**Exercise objective:** The word "placement" marks the lines you need; copy each of them from the data.

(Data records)
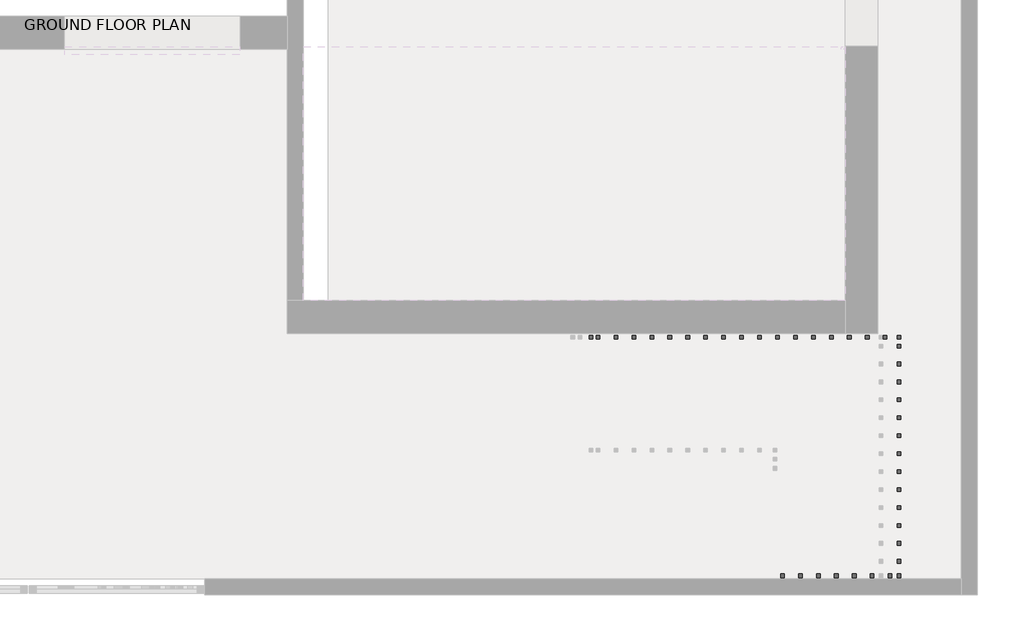
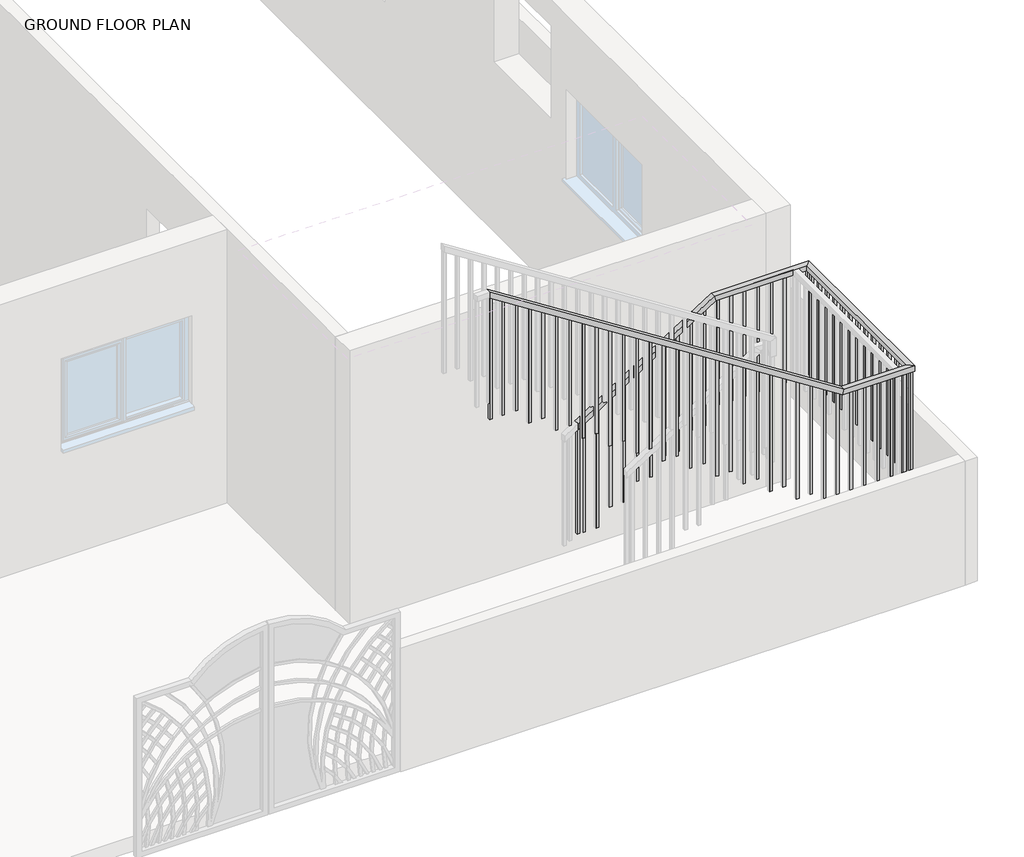
# One storey, part 2 of 23: 2 railings.
"""IFC4 building model written with IfcOpenShell, lengths in millimetres."""

from ifc_helpers import new_model, si_unit, frame, origin, place, context, project, spatial, polyline, outline, extrude, faceted_brep, element, save

model = new_model("IFC4")

# Units and contexts
model_context = context("Model", 3, world=origin())
ifc_project = project(units=[si_unit("LENGTHUNIT", "METRE", prefix="MILLI")], contexts=[model_context])

# Site, building, storey
site = spatial("IfcSite", under=ifc_project)
building = spatial("IfcBuilding", under=site)
storey = spatial("IfcBuildingStorey", under=building, Name="GROUND FLOOR PLAN", Elevation=487.68)

# Railings
placement = place(None, origin())
element("IfcRailing", 1, ObjectType="1100mm", at=placement, inside=storey, context=model_context, shape_type="SolidModel", body=[
    faceted_brep([(-8680.149573, -10220.0521308, 1912.8), (-8680.149573, -10220.0521308, 1853.4423995), (-8680.149573, -10270.0521308, 1853.4423995), (-8680.149573, -10270.0521308, 1912.8), (-7409.7306254, -10220.0521308, 2725.6), (-7395.1045513, -10220.0521308, 2675.6), (-7395.1045513, -10270.0521308, 2675.6), (-7409.7306254, -10270.0521308, 2725.6), (-6495.8132565, -10220.0521308, 2725.6), (-6495.8132565, -10220.0521308, 2675.6), (-6545.8132565, -10270.0521308, 2675.6), (-6545.8132565, -10270.0521308, 2725.6), (-6495.8132565, -11933.6860066, 2725.6), (-6495.8132565, -11933.6860066, 2675.6), (-6545.8132565, -11883.6860066, 2675.6), (-6545.8132565, -11883.6860066, 2725.6), (-7155.718398, -11933.6860066, 2725.6), (-7170.3479429, -11933.6860066, 2675.6), (-7170.3479429, -11883.6860066, 2675.6), (-7155.718398, -11883.6860066, 2725.6), (-10457.8773536, -11933.6860066, 4838.88), (-10457.8773536, -11883.6860066, 4838.88), (-10457.8773536, -11883.6860066, 4779.517542), (-10457.8773536, -11933.6860066, 4779.517542)], [[[0, 1, 2, 3]], [[1, 0, 4, 5]], [[2, 1, 5, 6]], [[3, 2, 6, 7]], [[0, 3, 7, 4]], [[5, 4, 8, 9]], [[6, 5, 9, 10]], [[7, 6, 10, 11]], [[4, 7, 11, 8]], [[9, 8, 12, 13]], [[10, 9, 13, 14]], [[11, 10, 14, 15]], [[8, 11, 15, 12]], [[13, 12, 16, 17]], [[14, 13, 17, 18]], [[15, 14, 18, 19]], [[12, 15, 19, 16]], [[20, 21, 22, 23]], [[17, 16, 20, 23]], [[18, 17, 23, 22]], [[19, 18, 22, 21]], [[16, 19, 21, 20]]]),
    extrude(outline(polyline([(4691.8007425, -10320.8132565), (4707.7999723, -10345.8132565), (3576.32, -10345.8132565), (3576.32, -10320.8132565), (4691.8007425, -10320.8132565)])), frame((0.0, -11921.1860066, 0.0), z_axis=(0.0, 1.0, 0.0), x_axis=(0.0, 0.0, 1.0)), (0.0, 0.0, 1.0), 25.0),
    extrude(outline(polyline([(4611.8045935, -10195.8132565), (4627.8038233, -10220.8132565), (3576.32, -10220.8132565), (3576.32, -10195.8132565), (4611.8045935, -10195.8132565)])), frame((0.0, -11921.1860066, 0.0), z_axis=(0.0, 1.0, 0.0), x_axis=(0.0, 0.0, 1.0)), (0.0, 0.0, 1.0), 25.0),
    extrude(outline(polyline([(4531.8084444, -10070.8132565), (4547.8076742, -10095.8132565), (3413.76, -10095.8132565), (3413.76, -10070.8132565), (4531.8084444, -10070.8132565)])), frame((0.0, -11921.1860066, 0.0), z_axis=(0.0, 1.0, 0.0), x_axis=(0.0, 0.0, 1.0)), (0.0, 0.0, 1.0), 25.0),
    extrude(outline(polyline([(4451.8122954, -9945.8132565), (4467.8115252, -9970.8132565), (3413.76, -9970.8132565), (3413.76, -9945.8132565), (4451.8122954, -9945.8132565)])), frame((0.0, -11921.1860066, 0.0), z_axis=(0.0, 1.0, 0.0), x_axis=(0.0, 0.0, 1.0)), (0.0, 0.0, 1.0), 25.0),
    extrude(outline(polyline([(4371.8161463, -9820.8132565), (4387.8153761, -9845.8132565), (3251.2, -9845.8132565), (3251.2, -9820.8132565), (4371.8161463, -9820.8132565)])), frame((0.0, -11921.1860066, 0.0), z_axis=(0.0, 1.0, 0.0), x_axis=(0.0, 0.0, 1.0)), (0.0, 0.0, 1.0), 25.0),
    extrude(outline(polyline([(4291.8423995, -9695.8132565), (4307.8371231, -9720.8132565), (3251.2, -9720.8132565), (3251.2, -9695.8132565), (4291.8423995, -9695.8132565)])), frame((0.0, -11921.1860066, 0.0), z_axis=(0.0, 1.0, 0.0), x_axis=(0.0, 0.0, 1.0)), (0.0, 0.0, 1.0), 25.0),
    extrude(outline(polyline([(4211.8238482, -9570.8132565), (4227.823078, -9595.8132565), (3088.64, -9595.8132565), (3088.64, -9570.8132565), (4211.8238482, -9570.8132565)])), frame((0.0, -11921.1860066, 0.0), z_axis=(0.0, 1.0, 0.0), x_axis=(0.0, 0.0, 1.0)), (0.0, 0.0, 1.0), 25.0),
    extrude(outline(polyline([(4131.8276992, -9445.8132565), (4147.826929, -9470.8132565), (3088.64, -9470.8132565), (3088.64, -9445.8132565), (4131.8276992, -9445.8132565)])), frame((0.0, -11921.1860066, 0.0), z_axis=(0.0, 1.0, 0.0), x_axis=(0.0, 0.0, 1.0)), (0.0, 0.0, 1.0), 25.0),
    extrude(outline(polyline([(4051.8315501, -9320.8132565), (4067.8307799, -9345.8132565), (2926.08, -9345.8132565), (2926.08, -9320.8132565), (4051.8315501, -9320.8132565)])), frame((0.0, -11921.1860066, 0.0), z_axis=(0.0, 1.0, 0.0), x_axis=(0.0, 0.0, 1.0)), (0.0, 0.0, 1.0), 25.0),
    extrude(outline(polyline([(3971.835401, -9195.8132565), (3987.8346309, -9220.8132565), (2926.08, -9220.8132565), (2926.08, -9195.8132565), (3971.835401, -9195.8132565)])), frame((0.0, -11921.1860066, 0.0), z_axis=(0.0, 1.0, 0.0), x_axis=(0.0, 0.0, 1.0)), (0.0, 0.0, 1.0), 25.0),
    extrude(outline(polyline([(3891.839252, -9070.8132565), (3907.8384818, -9095.8132565), (2763.52, -9095.8132565), (2763.52, -9070.8132565), (3891.839252, -9070.8132565)])), frame((0.0, -11921.1860066, 0.0), z_axis=(0.0, 1.0, 0.0), x_axis=(0.0, 0.0, 1.0)), (0.0, 0.0, 1.0), 25.0),
    extrude(outline(polyline([(3811.8431029, -8945.8132565), (3827.8423328, -8970.8132565), (2763.52, -8970.8132565), (2763.52, -8945.8132565), (3811.8431029, -8945.8132565)])), frame((0.0, -11921.1860066, 0.0), z_axis=(0.0, 1.0, 0.0), x_axis=(0.0, 0.0, 1.0)), (0.0, 0.0, 1.0), 25.0),
    extrude(outline(polyline([(3731.8469539, -8820.8132565), (3747.8461837, -8845.8132565), (2600.96, -8845.8132565), (2600.96, -8820.8132565), (3731.8469539, -8820.8132565)])), frame((0.0, -11921.1860066, 0.0), z_axis=(0.0, 1.0, 0.0), x_axis=(0.0, 0.0, 1.0)), (0.0, 0.0, 1.0), 25.0),
    extrude(outline(polyline([(3651.8508048, -8695.8132565), (3667.8500347, -8720.8132565), (2600.96, -8720.8132565), (2600.96, -8695.8132565), (3651.8508048, -8695.8132565)])), frame((0.0, -11921.1860066, 0.0), z_axis=(0.0, 1.0, 0.0), x_axis=(0.0, 0.0, 1.0)), (0.0, 0.0, 1.0), 25.0),
    extrude(outline(polyline([(3571.8546558, -8570.8132565), (3587.8538856, -8595.8132565), (2438.4, -8595.8132565), (2438.4, -8570.8132565), (3571.8546558, -8570.8132565)])), frame((0.0, -11921.1860066, 0.0), z_axis=(0.0, 1.0, 0.0), x_axis=(0.0, 0.0, 1.0)), (0.0, 0.0, 1.0), 25.0),
    extrude(outline(polyline([(3491.8585067, -8445.8132565), (3507.8577365, -8470.8132565), (2438.4, -8470.8132565), (2438.4, -8445.8132565), (3491.8585067, -8445.8132565)])), frame((0.0, -11921.1860066, 0.0), z_axis=(0.0, 1.0, 0.0), x_axis=(0.0, 0.0, 1.0)), (0.0, 0.0, 1.0), 25.0),
    extrude(outline(polyline([(3411.8623577, -8320.8132565), (3427.8615875, -8345.8132565), (2275.84, -8345.8132565), (2275.84, -8320.8132565), (3411.8623577, -8320.8132565)])), frame((0.0, -11921.1860066, 0.0), z_axis=(0.0, 1.0, 0.0), x_axis=(0.0, 0.0, 1.0)), (0.0, 0.0, 1.0), 25.0),
    extrude(outline(polyline([(3331.8662086, -8195.8132565), (3347.8654384, -8220.8132565), (2275.84, -8220.8132565), (2275.84, -8195.8132565), (3331.8662086, -8195.8132565)])), frame((0.0, -11921.1860066, 0.0), z_axis=(0.0, 1.0, 0.0), x_axis=(0.0, 0.0, 1.0)), (0.0, 0.0, 1.0), 25.0),
    extrude(outline(polyline([(3251.8700596, -8070.8132565), (3267.8692894, -8095.8132565), (2113.28, -8095.8132565), (2113.28, -8070.8132565), (3251.8700596, -8070.8132565)])), frame((0.0, -11921.1860066, 0.0), z_axis=(0.0, 1.0, 0.0), x_axis=(0.0, 0.0, 1.0)), (0.0, 0.0, 1.0), 25.0),
    extrude(outline(polyline([(3171.8739105, -7945.8132565), (3187.8731403, -7970.8132565), (2113.28, -7970.8132565), (2113.28, -7945.8132565), (3171.8739105, -7945.8132565)])), frame((0.0, -11921.1860066, 0.0), z_axis=(0.0, 1.0, 0.0), x_axis=(0.0, 0.0, 1.0)), (0.0, 0.0, 1.0), 25.0),
    extrude(outline(polyline([(3091.8777615, -7820.8132565), (3107.8769913, -7845.8132565), (1950.72, -7845.8132565), (1950.72, -7820.8132565), (3091.8777615, -7820.8132565)])), frame((0.0, -11921.1860066, 0.0), z_axis=(0.0, 1.0, 0.0), x_axis=(0.0, 0.0, 1.0)), (0.0, 0.0, 1.0), 25.0),
    extrude(outline(polyline([(3011.8816124, -7695.8132565), (3027.8808422, -7720.8132565), (1950.72, -7720.8132565), (1950.72, -7695.8132565), (3011.8816124, -7695.8132565)])), frame((0.0, -11921.1860066, 0.0), z_axis=(0.0, 1.0, 0.0), x_axis=(0.0, 0.0, 1.0)), (0.0, 0.0, 1.0), 25.0),
    extrude(outline(polyline([(2931.8854634, -7570.8132565), (2947.8846932, -7595.8132565), (1788.16, -7595.8132565), (1788.16, -7570.8132565), (2931.8854634, -7570.8132565)])), frame((0.0, -11921.1860066, 0.0), z_axis=(0.0, 1.0, 0.0), x_axis=(0.0, 0.0, 1.0)), (0.0, 0.0, 1.0), 25.0),
    extrude(outline(polyline([(2851.8893143, -7445.8132565), (2867.8885441, -7470.8132565), (1788.16, -7470.8132565), (1788.16, -7445.8132565), (2851.8893143, -7445.8132565)])), frame((0.0, -11921.1860066, 0.0), z_axis=(0.0, 1.0, 0.0), x_axis=(0.0, 0.0, 1.0)), (0.0, 0.0, 1.0), 25.0),
    extrude(outline(polyline([(2771.8931653, -7320.8132565), (2787.8923951, -7345.8132565), (1625.6, -7345.8132565), (1625.6, -7320.8132565), (2771.8931653, -7320.8132565)])), frame((0.0, -11921.1860066, 0.0), z_axis=(0.0, 1.0, 0.0), x_axis=(0.0, 0.0, 1.0)), (0.0, 0.0, 1.0), 25.0),
    extrude(outline(polyline([(2691.8970162, -7195.8132565), (2707.896246, -7220.8132565), (1625.6, -7220.8132565), (1625.6, -7195.8132565), (2691.8970162, -7195.8132565)])), frame((0.0, -11921.1860066, 0.0), z_axis=(0.0, 1.0, 0.0), x_axis=(0.0, 0.0, 1.0)), (0.0, 0.0, 1.0), 25.0),
    extrude(outline(polyline([(-7070.8132565, -11921.1860066), (-7095.8132565, -11921.1860066), (-7095.8132565, -11896.1860066), (-7070.8132565, -11896.1860066), (-7070.8132565, -11921.1860066)])), frame((0.0, 0.0, 1625.6), z_axis=(0.0, 0.0, 1.0), x_axis=(1.0, 0.0, 0.0)), (0.0, 0.0, 1.0), 1050.0),
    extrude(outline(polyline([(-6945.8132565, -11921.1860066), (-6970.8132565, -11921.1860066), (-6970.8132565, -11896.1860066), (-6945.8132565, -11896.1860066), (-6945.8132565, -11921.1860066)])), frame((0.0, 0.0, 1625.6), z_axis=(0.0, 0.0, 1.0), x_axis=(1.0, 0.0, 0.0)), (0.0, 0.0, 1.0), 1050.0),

**Final answer:**
placement = place(None, origin())
element("IfcRailing", 1, ObjectType="1100mm", at=placement, inside=storey, context=model_context, shape_type="SolidModel", body=[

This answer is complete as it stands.